Work task:
Return the following from the records below: each line, word for word, starting with the line that contains "#201=DIRECTION('',(-0.7938,-0.,0.6082));" and going on through the line that contains "#259=EDGE_CURVE('',#245,#254,#258,.T.);", with nothing outside that range.

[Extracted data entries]
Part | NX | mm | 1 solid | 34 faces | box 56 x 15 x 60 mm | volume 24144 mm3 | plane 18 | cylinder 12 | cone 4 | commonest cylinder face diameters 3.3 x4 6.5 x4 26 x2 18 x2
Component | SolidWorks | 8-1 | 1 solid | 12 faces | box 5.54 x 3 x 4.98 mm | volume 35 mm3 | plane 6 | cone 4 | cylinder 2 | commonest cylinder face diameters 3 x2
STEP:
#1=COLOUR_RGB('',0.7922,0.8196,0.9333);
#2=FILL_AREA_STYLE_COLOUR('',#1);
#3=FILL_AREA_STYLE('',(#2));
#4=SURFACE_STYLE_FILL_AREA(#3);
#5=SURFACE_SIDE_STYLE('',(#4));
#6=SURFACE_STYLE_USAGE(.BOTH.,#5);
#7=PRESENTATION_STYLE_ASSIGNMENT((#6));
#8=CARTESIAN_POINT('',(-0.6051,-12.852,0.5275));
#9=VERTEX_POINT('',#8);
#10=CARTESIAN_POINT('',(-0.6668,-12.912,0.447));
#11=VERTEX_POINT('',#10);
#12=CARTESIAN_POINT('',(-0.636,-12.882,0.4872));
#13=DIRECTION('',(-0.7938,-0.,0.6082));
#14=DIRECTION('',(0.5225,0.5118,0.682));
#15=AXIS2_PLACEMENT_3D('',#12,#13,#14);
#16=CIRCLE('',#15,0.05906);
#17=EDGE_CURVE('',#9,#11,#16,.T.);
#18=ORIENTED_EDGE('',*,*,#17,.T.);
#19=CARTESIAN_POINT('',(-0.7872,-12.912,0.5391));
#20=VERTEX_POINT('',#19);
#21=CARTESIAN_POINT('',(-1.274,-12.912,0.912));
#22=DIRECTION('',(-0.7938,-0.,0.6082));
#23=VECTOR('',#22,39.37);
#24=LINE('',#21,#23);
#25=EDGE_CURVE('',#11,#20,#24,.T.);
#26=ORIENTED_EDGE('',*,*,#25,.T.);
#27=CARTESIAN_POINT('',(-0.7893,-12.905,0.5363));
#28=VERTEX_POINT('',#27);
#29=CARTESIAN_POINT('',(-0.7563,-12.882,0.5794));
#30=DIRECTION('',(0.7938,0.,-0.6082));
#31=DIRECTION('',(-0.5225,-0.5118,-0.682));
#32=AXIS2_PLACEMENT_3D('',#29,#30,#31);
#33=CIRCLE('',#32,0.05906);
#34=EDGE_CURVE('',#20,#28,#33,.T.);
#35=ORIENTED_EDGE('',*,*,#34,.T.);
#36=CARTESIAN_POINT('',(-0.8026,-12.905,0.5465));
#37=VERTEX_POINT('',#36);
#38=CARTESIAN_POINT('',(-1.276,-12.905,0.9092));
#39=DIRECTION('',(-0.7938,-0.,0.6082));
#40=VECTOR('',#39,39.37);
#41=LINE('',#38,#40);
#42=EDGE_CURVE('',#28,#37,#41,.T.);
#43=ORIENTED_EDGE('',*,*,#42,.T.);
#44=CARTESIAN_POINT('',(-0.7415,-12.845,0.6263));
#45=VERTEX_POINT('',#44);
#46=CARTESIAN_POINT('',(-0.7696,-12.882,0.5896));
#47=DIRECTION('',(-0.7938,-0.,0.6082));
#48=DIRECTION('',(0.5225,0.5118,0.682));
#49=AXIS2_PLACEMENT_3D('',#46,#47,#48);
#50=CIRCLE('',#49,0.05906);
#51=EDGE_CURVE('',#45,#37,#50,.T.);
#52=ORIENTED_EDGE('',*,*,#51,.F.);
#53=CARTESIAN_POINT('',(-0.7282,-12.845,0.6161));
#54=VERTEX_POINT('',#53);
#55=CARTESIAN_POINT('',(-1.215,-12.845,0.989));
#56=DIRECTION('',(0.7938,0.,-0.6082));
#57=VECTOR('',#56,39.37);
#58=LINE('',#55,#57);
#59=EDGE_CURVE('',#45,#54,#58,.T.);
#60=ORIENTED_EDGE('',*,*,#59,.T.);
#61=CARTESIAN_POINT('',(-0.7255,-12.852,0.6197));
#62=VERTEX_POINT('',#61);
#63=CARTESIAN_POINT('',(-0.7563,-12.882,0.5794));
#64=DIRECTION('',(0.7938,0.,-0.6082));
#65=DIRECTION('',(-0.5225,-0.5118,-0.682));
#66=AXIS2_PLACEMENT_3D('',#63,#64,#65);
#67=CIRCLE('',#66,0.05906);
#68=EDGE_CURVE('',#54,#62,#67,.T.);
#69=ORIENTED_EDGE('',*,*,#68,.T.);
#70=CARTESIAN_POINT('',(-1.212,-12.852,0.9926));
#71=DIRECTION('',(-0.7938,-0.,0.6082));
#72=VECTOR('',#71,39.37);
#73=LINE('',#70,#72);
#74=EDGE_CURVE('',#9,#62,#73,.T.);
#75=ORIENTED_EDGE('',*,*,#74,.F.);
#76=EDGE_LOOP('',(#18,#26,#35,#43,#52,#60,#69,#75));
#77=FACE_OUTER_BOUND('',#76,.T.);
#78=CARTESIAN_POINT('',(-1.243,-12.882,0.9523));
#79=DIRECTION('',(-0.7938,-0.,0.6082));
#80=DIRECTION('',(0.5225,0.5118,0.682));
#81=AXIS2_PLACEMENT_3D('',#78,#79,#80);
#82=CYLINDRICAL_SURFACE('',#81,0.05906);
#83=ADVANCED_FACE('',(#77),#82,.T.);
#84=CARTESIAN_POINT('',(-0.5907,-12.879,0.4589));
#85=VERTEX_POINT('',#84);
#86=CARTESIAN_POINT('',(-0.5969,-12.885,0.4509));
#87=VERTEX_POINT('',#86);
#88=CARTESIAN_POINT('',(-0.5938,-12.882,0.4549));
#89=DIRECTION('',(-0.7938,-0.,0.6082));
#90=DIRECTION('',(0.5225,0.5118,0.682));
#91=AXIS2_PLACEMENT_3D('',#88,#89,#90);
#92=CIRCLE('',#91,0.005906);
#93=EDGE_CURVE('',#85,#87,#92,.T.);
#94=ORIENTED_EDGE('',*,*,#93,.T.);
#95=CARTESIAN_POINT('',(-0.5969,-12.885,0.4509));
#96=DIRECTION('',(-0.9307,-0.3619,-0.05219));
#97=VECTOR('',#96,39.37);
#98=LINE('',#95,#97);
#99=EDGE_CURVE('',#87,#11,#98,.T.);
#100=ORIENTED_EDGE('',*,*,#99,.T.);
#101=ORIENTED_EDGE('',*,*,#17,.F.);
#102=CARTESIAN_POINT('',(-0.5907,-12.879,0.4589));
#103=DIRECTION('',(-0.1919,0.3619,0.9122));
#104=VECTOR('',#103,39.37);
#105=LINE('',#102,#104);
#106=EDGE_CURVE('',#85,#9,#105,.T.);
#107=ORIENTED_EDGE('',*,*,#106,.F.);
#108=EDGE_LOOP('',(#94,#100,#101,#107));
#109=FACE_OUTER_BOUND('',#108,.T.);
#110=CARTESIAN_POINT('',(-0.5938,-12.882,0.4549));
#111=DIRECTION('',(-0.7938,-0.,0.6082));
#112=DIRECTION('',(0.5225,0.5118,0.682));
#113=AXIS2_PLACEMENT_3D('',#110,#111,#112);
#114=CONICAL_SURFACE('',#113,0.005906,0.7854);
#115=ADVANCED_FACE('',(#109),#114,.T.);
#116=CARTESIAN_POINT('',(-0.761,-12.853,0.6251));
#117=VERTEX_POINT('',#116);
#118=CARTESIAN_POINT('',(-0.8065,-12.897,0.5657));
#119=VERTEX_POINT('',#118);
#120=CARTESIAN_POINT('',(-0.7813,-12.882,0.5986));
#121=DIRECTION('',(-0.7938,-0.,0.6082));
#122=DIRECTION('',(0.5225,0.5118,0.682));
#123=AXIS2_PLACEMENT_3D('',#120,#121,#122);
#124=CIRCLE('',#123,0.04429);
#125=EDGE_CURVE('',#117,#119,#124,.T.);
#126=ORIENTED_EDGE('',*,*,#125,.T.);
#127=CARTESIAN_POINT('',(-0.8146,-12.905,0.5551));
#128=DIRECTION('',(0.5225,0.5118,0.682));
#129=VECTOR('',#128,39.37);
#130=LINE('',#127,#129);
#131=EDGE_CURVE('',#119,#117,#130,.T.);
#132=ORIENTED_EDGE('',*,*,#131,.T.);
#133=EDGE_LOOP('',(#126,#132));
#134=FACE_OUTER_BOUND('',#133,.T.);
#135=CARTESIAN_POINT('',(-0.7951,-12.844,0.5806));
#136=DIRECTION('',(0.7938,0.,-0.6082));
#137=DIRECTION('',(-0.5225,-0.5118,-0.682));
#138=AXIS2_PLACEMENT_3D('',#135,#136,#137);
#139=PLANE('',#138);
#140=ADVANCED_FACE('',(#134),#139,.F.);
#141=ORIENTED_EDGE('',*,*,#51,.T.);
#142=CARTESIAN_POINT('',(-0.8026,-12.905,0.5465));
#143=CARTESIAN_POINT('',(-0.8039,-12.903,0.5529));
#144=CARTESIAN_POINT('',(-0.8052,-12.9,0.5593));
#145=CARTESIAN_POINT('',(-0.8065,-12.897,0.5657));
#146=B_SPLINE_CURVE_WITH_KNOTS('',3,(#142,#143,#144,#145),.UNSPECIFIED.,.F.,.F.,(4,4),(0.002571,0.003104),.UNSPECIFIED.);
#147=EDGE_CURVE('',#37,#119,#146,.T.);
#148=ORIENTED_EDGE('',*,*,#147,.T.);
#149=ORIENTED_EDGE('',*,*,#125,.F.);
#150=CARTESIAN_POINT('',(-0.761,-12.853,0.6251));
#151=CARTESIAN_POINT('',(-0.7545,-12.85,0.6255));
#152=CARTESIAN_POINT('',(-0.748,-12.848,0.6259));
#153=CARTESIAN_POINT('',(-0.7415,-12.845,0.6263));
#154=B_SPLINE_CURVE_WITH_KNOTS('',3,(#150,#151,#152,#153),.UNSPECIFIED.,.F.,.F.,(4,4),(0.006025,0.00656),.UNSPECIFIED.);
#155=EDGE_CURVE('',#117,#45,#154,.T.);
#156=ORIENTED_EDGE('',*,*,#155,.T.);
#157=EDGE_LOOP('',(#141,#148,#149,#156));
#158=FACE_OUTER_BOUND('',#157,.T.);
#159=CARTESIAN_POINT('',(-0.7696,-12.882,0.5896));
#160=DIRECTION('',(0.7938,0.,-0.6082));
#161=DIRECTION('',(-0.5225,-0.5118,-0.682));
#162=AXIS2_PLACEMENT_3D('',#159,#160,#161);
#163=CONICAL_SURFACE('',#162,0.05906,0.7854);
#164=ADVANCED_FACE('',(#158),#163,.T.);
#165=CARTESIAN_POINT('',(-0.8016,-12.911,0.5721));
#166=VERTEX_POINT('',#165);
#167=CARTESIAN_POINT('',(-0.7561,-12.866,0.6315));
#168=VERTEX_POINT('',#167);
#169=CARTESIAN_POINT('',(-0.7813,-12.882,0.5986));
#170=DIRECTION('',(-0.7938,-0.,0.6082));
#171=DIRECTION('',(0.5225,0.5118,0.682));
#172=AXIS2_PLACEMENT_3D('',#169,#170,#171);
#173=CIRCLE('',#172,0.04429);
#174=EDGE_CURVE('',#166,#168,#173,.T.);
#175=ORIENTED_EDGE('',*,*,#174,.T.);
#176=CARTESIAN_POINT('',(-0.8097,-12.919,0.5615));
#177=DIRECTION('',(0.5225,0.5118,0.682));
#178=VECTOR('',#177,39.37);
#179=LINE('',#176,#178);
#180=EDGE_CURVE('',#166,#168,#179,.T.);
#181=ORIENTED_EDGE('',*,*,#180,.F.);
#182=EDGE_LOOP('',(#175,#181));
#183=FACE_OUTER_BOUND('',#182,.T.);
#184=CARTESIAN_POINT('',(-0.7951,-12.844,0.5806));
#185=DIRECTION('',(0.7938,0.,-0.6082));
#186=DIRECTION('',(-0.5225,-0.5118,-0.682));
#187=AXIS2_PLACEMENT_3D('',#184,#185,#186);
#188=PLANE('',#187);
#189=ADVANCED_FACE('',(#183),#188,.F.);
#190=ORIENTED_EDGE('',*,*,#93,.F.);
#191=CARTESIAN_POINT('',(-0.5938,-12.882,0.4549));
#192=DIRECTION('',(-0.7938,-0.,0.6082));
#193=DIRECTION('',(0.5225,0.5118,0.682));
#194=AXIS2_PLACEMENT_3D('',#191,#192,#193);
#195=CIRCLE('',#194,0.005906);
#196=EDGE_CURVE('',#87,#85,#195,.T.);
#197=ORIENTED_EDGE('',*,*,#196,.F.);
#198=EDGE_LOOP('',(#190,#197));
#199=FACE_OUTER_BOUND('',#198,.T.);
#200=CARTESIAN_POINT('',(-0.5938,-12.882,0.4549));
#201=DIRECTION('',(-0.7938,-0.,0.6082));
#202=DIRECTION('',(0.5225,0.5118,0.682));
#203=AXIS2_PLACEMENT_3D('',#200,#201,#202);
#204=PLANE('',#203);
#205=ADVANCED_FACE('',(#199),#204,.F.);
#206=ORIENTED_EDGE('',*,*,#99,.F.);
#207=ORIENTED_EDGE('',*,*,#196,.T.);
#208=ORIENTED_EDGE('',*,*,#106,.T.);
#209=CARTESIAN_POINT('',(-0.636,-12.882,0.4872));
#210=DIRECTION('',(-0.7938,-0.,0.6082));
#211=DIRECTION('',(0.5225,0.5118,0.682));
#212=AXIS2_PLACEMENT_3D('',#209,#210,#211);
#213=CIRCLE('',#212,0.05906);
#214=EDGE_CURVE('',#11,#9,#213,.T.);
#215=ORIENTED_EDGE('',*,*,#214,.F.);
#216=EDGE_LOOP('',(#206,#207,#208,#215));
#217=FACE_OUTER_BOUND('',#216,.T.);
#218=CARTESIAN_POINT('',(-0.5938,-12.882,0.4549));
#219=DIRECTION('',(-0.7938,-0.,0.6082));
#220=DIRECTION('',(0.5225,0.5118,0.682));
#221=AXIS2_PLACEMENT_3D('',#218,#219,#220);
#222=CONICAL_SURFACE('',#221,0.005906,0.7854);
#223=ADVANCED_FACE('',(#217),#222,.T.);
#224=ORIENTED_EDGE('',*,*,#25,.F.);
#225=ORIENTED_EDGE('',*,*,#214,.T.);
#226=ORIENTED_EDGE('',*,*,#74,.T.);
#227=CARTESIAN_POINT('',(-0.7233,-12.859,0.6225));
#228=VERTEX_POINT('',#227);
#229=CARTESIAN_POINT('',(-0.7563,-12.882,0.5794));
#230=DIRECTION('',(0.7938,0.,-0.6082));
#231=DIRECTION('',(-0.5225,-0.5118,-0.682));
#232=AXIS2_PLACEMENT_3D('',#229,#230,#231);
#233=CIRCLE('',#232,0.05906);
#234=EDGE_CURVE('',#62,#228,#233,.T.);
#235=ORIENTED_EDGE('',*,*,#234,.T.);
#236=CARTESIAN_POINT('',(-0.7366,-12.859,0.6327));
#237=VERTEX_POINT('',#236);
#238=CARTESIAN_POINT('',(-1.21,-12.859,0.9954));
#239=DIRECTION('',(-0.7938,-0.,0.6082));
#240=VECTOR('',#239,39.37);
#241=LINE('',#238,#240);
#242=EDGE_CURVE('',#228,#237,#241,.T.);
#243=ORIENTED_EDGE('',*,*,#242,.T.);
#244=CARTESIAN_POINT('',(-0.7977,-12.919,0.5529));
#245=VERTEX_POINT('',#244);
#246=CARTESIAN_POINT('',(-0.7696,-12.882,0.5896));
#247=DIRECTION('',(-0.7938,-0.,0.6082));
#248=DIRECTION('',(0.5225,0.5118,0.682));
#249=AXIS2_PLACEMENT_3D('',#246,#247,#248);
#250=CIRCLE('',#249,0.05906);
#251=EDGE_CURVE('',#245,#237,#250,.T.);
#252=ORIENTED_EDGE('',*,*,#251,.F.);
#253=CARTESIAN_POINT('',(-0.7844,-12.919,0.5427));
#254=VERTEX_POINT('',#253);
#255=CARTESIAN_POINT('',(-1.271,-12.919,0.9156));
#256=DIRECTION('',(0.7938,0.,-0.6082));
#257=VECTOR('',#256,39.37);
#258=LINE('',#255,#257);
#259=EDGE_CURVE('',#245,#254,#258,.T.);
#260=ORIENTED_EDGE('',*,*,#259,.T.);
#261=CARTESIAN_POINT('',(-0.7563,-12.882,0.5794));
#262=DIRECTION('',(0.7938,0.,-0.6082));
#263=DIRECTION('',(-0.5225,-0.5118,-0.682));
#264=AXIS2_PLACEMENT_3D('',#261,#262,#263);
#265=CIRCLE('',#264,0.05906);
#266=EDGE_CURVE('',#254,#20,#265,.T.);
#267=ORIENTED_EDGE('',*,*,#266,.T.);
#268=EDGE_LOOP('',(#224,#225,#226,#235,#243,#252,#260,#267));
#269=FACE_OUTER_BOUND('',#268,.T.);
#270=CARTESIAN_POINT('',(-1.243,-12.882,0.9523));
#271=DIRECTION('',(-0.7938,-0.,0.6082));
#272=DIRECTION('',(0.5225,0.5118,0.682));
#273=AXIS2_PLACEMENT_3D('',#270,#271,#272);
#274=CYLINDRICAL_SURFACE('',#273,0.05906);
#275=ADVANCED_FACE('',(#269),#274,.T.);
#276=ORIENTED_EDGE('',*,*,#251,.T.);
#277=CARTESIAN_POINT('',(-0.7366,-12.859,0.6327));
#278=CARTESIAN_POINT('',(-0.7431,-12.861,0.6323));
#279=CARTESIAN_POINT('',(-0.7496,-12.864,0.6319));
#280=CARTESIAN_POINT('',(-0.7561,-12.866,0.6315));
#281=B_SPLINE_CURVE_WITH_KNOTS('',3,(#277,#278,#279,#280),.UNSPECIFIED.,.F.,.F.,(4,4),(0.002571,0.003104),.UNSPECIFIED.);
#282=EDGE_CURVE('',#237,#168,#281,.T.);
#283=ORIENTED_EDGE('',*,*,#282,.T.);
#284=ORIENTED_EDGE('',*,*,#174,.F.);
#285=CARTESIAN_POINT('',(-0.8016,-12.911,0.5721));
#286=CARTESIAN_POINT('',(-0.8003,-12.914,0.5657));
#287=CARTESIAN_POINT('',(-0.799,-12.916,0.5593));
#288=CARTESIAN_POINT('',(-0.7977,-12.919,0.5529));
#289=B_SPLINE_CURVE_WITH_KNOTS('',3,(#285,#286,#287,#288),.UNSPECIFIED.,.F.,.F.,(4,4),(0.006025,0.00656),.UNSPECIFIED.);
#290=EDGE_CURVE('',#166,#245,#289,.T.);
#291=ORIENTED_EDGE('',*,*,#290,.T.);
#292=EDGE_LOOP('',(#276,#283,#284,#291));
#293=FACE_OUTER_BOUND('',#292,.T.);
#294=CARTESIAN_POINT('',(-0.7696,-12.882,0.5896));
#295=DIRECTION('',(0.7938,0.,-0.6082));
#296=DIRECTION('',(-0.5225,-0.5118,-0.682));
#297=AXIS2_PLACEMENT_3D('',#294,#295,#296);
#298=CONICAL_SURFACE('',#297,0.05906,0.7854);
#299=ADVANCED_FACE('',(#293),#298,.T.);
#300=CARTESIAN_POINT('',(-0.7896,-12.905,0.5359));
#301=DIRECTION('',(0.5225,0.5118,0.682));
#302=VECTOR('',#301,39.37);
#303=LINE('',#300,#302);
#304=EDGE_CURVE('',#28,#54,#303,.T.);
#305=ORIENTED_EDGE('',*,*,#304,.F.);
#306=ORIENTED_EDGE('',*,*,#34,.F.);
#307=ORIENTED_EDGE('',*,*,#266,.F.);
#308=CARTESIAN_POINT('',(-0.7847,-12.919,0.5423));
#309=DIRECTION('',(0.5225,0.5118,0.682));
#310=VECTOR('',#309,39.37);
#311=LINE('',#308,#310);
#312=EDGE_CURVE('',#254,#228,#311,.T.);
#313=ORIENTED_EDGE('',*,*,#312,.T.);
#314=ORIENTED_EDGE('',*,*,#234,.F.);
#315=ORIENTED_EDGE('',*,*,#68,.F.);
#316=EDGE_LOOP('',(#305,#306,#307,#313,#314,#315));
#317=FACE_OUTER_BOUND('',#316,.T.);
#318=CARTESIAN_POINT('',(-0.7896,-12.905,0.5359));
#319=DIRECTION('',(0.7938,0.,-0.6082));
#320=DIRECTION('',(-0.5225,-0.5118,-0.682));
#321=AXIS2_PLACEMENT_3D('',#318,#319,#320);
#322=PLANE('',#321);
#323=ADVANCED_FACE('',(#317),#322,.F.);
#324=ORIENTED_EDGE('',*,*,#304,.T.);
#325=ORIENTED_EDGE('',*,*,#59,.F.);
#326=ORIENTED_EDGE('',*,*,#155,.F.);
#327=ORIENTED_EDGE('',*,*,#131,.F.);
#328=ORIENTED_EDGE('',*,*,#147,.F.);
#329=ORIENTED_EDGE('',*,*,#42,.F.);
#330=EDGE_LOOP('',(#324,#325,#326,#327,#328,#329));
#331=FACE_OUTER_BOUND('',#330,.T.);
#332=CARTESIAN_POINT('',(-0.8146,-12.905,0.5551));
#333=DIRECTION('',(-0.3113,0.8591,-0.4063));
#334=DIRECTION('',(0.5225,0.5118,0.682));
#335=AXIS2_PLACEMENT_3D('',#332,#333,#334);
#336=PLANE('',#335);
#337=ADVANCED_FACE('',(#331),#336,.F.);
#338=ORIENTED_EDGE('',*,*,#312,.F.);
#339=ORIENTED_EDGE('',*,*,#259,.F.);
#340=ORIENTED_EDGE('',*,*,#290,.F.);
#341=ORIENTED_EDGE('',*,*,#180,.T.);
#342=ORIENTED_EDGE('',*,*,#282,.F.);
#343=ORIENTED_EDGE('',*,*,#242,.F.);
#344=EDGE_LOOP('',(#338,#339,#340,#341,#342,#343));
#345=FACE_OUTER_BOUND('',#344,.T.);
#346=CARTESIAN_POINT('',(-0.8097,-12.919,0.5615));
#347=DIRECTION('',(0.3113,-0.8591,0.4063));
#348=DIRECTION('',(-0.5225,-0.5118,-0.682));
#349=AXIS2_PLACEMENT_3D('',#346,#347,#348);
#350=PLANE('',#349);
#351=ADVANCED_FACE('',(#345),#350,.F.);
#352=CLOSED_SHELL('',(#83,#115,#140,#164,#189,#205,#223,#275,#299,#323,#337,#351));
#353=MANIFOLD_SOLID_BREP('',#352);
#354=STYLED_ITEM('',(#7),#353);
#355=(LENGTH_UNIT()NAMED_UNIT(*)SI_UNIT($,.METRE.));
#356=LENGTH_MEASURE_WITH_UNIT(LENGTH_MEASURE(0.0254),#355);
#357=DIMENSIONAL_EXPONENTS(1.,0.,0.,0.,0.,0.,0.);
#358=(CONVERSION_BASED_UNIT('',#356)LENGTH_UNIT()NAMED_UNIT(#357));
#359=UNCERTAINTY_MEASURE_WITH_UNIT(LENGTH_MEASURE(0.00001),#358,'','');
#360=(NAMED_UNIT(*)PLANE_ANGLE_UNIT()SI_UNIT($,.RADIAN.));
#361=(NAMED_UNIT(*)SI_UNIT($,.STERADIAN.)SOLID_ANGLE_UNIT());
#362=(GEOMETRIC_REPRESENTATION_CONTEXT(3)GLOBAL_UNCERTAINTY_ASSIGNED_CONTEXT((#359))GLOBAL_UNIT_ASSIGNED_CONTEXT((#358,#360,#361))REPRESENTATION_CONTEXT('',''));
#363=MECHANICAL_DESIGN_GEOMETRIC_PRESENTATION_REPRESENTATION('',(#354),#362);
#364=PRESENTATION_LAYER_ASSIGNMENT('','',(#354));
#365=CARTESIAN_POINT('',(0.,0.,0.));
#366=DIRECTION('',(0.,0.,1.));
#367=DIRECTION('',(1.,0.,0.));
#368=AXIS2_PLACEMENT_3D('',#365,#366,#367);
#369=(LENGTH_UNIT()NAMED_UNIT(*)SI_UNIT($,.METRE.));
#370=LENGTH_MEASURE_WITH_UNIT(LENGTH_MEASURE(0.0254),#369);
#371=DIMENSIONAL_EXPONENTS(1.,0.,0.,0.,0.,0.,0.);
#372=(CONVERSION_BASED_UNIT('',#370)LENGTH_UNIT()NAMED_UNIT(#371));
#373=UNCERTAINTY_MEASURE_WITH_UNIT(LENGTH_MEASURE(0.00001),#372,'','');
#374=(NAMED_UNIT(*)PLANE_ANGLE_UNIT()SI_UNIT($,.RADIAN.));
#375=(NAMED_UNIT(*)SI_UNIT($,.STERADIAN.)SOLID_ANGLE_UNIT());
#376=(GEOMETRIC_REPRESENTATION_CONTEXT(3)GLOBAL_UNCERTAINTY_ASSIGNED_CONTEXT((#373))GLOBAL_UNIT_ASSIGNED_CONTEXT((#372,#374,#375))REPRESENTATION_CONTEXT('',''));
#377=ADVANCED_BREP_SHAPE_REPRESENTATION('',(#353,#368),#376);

The answer:
#201=DIRECTION('',(-0.7938,-0.,0.6082));
#202=DIRECTION('',(0.5225,0.5118,0.682));
#203=AXIS2_PLACEMENT_3D('',#200,#201,#202);
#204=PLANE('',#203);
#205=ADVANCED_FACE('',(#199),#204,.F.);
#206=ORIENTED_EDGE('',*,*,#99,.F.);
#207=ORIENTED_EDGE('',*,*,#196,.T.);
#208=ORIENTED_EDGE('',*,*,#106,.T.);
#209=CARTESIAN_POINT('',(-0.636,-12.882,0.4872));
#210=DIRECTION('',(-0.7938,-0.,0.6082));
#211=DIRECTION('',(0.5225,0.5118,0.682));
#212=AXIS2_PLACEMENT_3D('',#209,#210,#211);
#213=CIRCLE('',#212,0.05906);
#214=EDGE_CURVE('',#11,#9,#213,.T.);
#215=ORIENTED_EDGE('',*,*,#214,.F.);
#216=EDGE_LOOP('',(#206,#207,#208,#215));
#217=FACE_OUTER_BOUND('',#216,.T.);
#218=CARTESIAN_POINT('',(-0.5938,-12.882,0.4549));
#219=DIRECTION('',(-0.7938,-0.,0.6082));
#220=DIRECTION('',(0.5225,0.5118,0.682));
#221=AXIS2_PLACEMENT_3D('',#218,#219,#220);
#222=CONICAL_SURFACE('',#221,0.005906,0.7854);
#223=ADVANCED_FACE('',(#217),#222,.T.);
#224=ORIENTED_EDGE('',*,*,#25,.F.);
#225=ORIENTED_EDGE('',*,*,#214,.T.);
#226=ORIENTED_EDGE('',*,*,#74,.T.);
#227=CARTESIAN_POINT('',(-0.7233,-12.859,0.6225));
#228=VERTEX_POINT('',#227);
#229=CARTESIAN_POINT('',(-0.7563,-12.882,0.5794));
#230=DIRECTION('',(0.7938,0.,-0.6082));
#231=DIRECTION('',(-0.5225,-0.5118,-0.682));
#232=AXIS2_PLACEMENT_3D('',#229,#230,#231);
#233=CIRCLE('',#232,0.05906);
#234=EDGE_CURVE('',#62,#228,#233,.T.);
#235=ORIENTED_EDGE('',*,*,#234,.T.);
#236=CARTESIAN_POINT('',(-0.7366,-12.859,0.6327));
#237=VERTEX_POINT('',#236);
#238=CARTESIAN_POINT('',(-1.21,-12.859,0.9954));
#239=DIRECTION('',(-0.7938,-0.,0.6082));
#240=VECTOR('',#239,39.37);
#241=LINE('',#238,#240);
#242=EDGE_CURVE('',#228,#237,#241,.T.);
#243=ORIENTED_EDGE('',*,*,#242,.T.);
#244=CARTESIAN_POINT('',(-0.7977,-12.919,0.5529));
#245=VERTEX_POINT('',#244);
#246=CARTESIAN_POINT('',(-0.7696,-12.882,0.5896));
#247=DIRECTION('',(-0.7938,-0.,0.6082));
#248=DIRECTION('',(0.5225,0.5118,0.682));
#249=AXIS2_PLACEMENT_3D('',#246,#247,#248);
#250=CIRCLE('',#249,0.05906);
#251=EDGE_CURVE('',#245,#237,#250,.T.);
#252=ORIENTED_EDGE('',*,*,#251,.F.);
#253=CARTESIAN_POINT('',(-0.7844,-12.919,0.5427));
#254=VERTEX_POINT('',#253);
#255=CARTESIAN_POINT('',(-1.271,-12.919,0.9156));
#256=DIRECTION('',(0.7938,0.,-0.6082));
#257=VECTOR('',#256,39.37);
#258=LINE('',#255,#257);
#259=EDGE_CURVE('',#245,#254,#258,.T.);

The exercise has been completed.